Which lines below contain "origin"? Copy every one of them.

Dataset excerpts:
↓↓↓

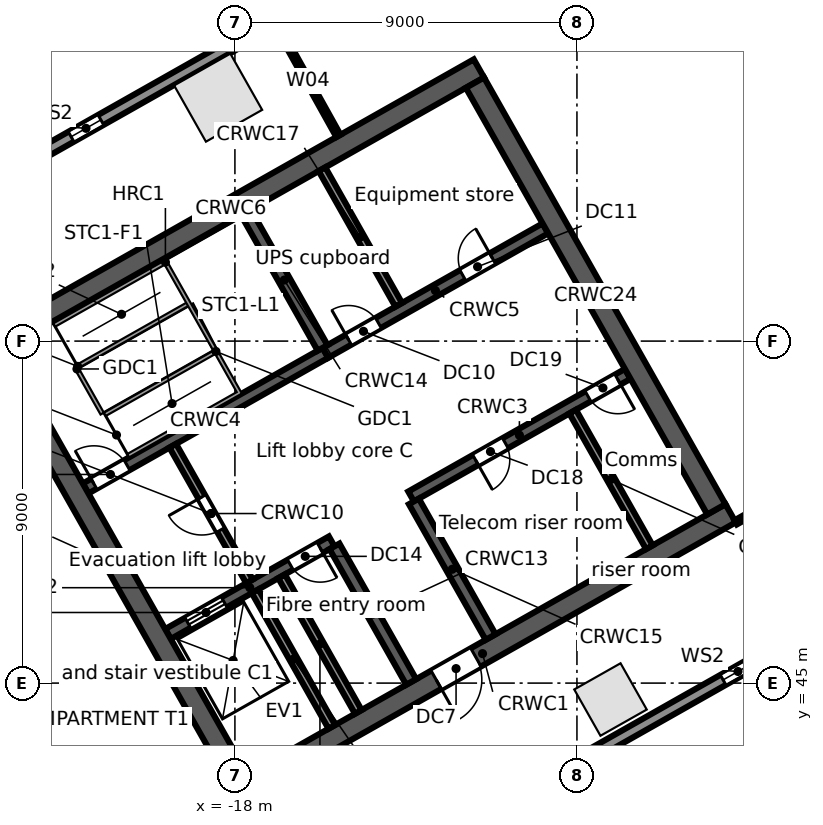
"""IFC4 building model, lengths in metres.
Left out: names, types, materials, properties, quantities, classifications, styles, units other than length and angle.
Written with IfcOpenShell. Run it as: python <this file> out.ifc"""

import sys

from ifc_helpers import new_model, si_unit, direction, frame, frame_2d, origin, origin_2d, place, context, subcontext, project, spatial, rectangle, extrude, element, fill, save


model = new_model("IFC4")
c1 = context("Model", 3, precision=1e-05, world=origin(), true_north=direction((0.0, 1.0)))
c2 = subcontext(c1, "Body", "Model", "MODEL_VIEW")
j1 = project(units=[si_unit("LENGTHUNIT", "METRE"), si_unit("PLANEANGLEUNIT", "RADIAN")], contexts=[c1])
p1 = place(None, origin())
s1 = spatial("IfcSite", under=j1, at=p1, CompositionType="ELEMENT")
p2 = place(p1, origin())
s2 = spatial("IfcBuilding", under=s1, at=p2, CompositionType="ELEMENT")
p3 = place(p2, frame((0.0, 0.0, 123.5)))
s3 = spatial("IfcBuildingStorey", under=s2, at=p3, CompositionType="ELEMENT", Elevation=123.5)
p4 = place(p3, frame((-18.441, 60.406, 0.0), z_axis=(0.0, 0.0, 1.0), x_axis=(-0.87035569594, -0.492423560103, 0.0)))
e1 = element("IfcColumn", 1, at=p4, inside=s3, PredefinedType="COLUMN", context=c2, shape_type="SweptSolid", body=[
    extrude(rectangle(XDim=1.7, YDim=1.7, at=origin_2d()), origin(), (0.0, 0.0, 1.0), 4.4),
])
p5 = place(p3, frame((-8.117, 44.568, 0.0), z_axis=(0.0, 0.0, 1.0), x_axis=(0.87035569594, 0.492423560103, 0.0)))
e2 = element("IfcColumn", 2, at=p5, inside=s3, PredefinedType="COLUMN", context=c2, shape_type="SweptSolid", body=[
    extrude(rectangle(XDim=1.4, YDim=1.4, at=origin_2d()), origin(), (0.0, 0.0, 1.0), 4.4),
])
p6 = place(p3, frame((-58.745, 38.764, 0.0), z_axis=(0.0, 0.0, 1.0), x_axis=(0.870355811726, 0.492423355453, 0.0)))
e3 = element("IfcWall", 3, at=p6, inside=s3, PredefinedType="STANDARD", context=c2, shape_type="SweptSolid", body=[
    extrude(rectangle(XDim=64.025, YDim=0.3, at=frame_2d((32.013, 0.0))), origin(), (0.0, 0.0, 1.0), 4.08),
])
p7 = place(p6, frame((60.122, 0.0, 0.6)))
e4 = element("IfcOpeningElement", 4, at=p7, cuts=e3, PredefinedType="OPENING", context=c2, shape_type="SweptSolid", body=[
    extrude(rectangle(XDim=0.9, YDim=2.8, at=frame_2d((0.45, 1.4))), frame((0.0, 0.16, 0.0), z_axis=(0.0, -1.0, 0.0), x_axis=(1.0, 0.0, 0.0)), (0.0, 0.0, 1.0), 0.32),
])
p8 = place(p6, frame((50.992, 0.0, 0.6)))
e5 = element("IfcOpeningElement", 5, at=p8, cuts=e3, PredefinedType="OPENING", context=c2, shape_type="SweptSolid", body=[
    extrude(rectangle(XDim=0.9, YDim=2.8, at=frame_2d((0.45, 1.4))), frame((0.0, 0.16, 0.0), z_axis=(0.0, -1.0, 0.0), x_axis=(1.0, 0.0, 0.0)), (0.0, 0.0, 1.0), 0.32),
])
p9 = place(p6, frame((41.862, 0.0, 0.6)))
e6 = element("IfcOpeningElement", 6, at=p9, cuts=e3, PredefinedType="OPENING", context=c2, shape_type="SweptSolid", body=[
    extrude(rectangle(XDim=0.9, YDim=2.8, at=frame_2d((0.45, 1.4))), frame((0.0, 0.16, 0.0), z_axis=(0.0, -1.0, 0.0), x_axis=(1.0, 0.0, 0.0)), (0.0, 0.0, 1.0), 0.32),
])
p10 = place(p6, frame((32.732, 0.0, 0.6)))
e7 = element("IfcOpeningElement", 7, at=p10, cuts=e3, PredefinedType="OPENING", context=c2, shape_type="SweptSolid", body=[
    extrude(rectangle(XDim=0.9, YDim=2.8, at=frame_2d((0.45, 1.4))), frame((0.0, 0.16, 0.0), z_axis=(0.0, -1.0, 0.0), x_axis=(1.0, 0.0, 0.0)), (0.0, 0.0, 1.0), 0.32),
])
p11 = place(p6, frame((23.602, 0.0, 0.6)))
e8 = element("IfcOpeningElement", 8, at=p11, cuts=e3, PredefinedType="OPENING", context=c2, shape_type="SweptSolid", body=[
    extrude(rectangle(XDim=0.9, YDim=2.8, at=frame_2d((0.45, 1.4))), frame((0.0, 0.16, 0.0), z_axis=(0.0, -1.0, 0.0), x_axis=(1.0, 0.0, 0.0)), (0.0, 0.0, 1.0), 0.32),
])
p12 = place(p6, frame((14.472, 0.0, 0.6)))
e9 = element("IfcOpeningElement", 9, at=p12, cuts=e3, PredefinedType="OPENING", context=c2, shape_type="SweptSolid", body=[
    extrude(rectangle(XDim=0.9, YDim=2.8, at=frame_2d((0.45, 1.4))), frame((0.0, 0.16, 0.0), z_axis=(0.0, -1.0, 0.0), x_axis=(1.0, 0.0, 0.0)), (0.0, 0.0, 1.0), 0.32),
])
p13 = place(p6, frame((5.342, 0.0, 0.6)))
e10 = element("IfcOpeningElement", 10, at=p13, cuts=e3, PredefinedType="OPENING", context=c2, shape_type="SweptSolid", body=[
    extrude(rectangle(XDim=0.9, YDim=2.8, at=frame_2d((0.45, 1.4))), frame((0.0, 0.16, 0.0), z_axis=(0.0, -1.0, 0.0), x_axis=(1.0, 0.0, 0.0)), (0.0, 0.0, 1.0), 0.32),
])
p14 = place(p3, frame((-0.055, 47.969, 0.0), z_axis=(0.0, 0.0, 1.0), x_axis=(-0.870355730478, -0.492423499058, 0.0)))
e11 = element("IfcWall", 11, at=p14, inside=s3, PredefinedType="STANDARD", context=c2, shape_type="SweptSolid", body=[
    extrude(rectangle(XDim=43.75, YDim=0.3, at=frame_2d((21.875, 0.0))), origin(), (0.0, 0.0, 1.0), 4.08),
])
p15 = place(p14, frame((39.977, 0.0, 0.6)))
e12 = element("IfcOpeningElement", 12, at=p15, cuts=e11, PredefinedType="OPENING", context=c2, shape_type="SweptSolid", body=[
    extrude(rectangle(XDim=0.9, YDim=2.8, at=frame_2d((0.45, 1.4))), frame((0.0, 0.16, 0.0), z_axis=(0.0, -1.0, 0.0), x_axis=(1.0, 0.0, 0.0)), (0.0, 0.0, 1.0), 0.32),
])
p16 = place(p14, frame((31.222, 0.0, 0.6)))
e13 = element("IfcOpeningElement", 13, at=p16, cuts=e11, PredefinedType="OPENING", context=c2, shape_type="SweptSolid", body=[
    extrude(rectangle(XDim=0.9, YDim=2.8, at=frame_2d((0.45, 1.4))), frame((0.0, 0.16, 0.0), z_axis=(0.0, -1.0, 0.0), x_axis=(1.0, 0.0, 0.0)), (0.0, 0.0, 1.0), 0.32),
])
p17 = place(p14, frame((22.468, 0.0, 0.6)))
e14 = element("IfcOpeningElement", 14, at=p17, cuts=e11, PredefinedType="OPENING", context=c2, shape_type="SweptSolid", body=[
    extrude(rectangle(XDim=0.9, YDim=2.8, at=frame_2d((0.45, 1.4))), frame((0.0, 0.16, 0.0), z_axis=(0.0, -1.0, 0.0), x_axis=(1.0, 0.0, 0.0)), (0.0, 0.0, 1.0), 0.32),
])
p18 = place(p14, frame((13.713, 0.0, 0.6)))
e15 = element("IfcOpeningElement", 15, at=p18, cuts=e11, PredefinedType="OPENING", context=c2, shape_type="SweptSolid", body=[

↑↑↑

- [SOLUTION FOR THIS PROBLEM]
from ifc_helpers import new_model, si_unit, direction, frame, frame_2d, origin, origin_2d, place, context, subcontext, project, spatial, rectangle, extrude, element, fill, save
c1 = context("Model", 3, precision=1e-05, world=origin(), true_north=direction((0.0, 1.0)))
p1 = place(None, origin())
p2 = place(p1, origin())
    extrude(rectangle(XDim=1.7, YDim=1.7, at=origin_2d()), origin(), (0.0, 0.0, 1.0), 4.4),
    extrude(rectangle(XDim=1.4, YDim=1.4, at=origin_2d()), origin(), (0.0, 0.0, 1.0), 4.4),
    extrude(rectangle(XDim=64.025, YDim=0.3, at=frame_2d((32.013, 0.0))), origin(), (0.0, 0.0, 1.0), 4.08),
    extrude(rectangle(XDim=43.75, YDim=0.3, at=frame_2d((21.875, 0.0))), origin(), (0.0, 0.0, 1.0), 4.08),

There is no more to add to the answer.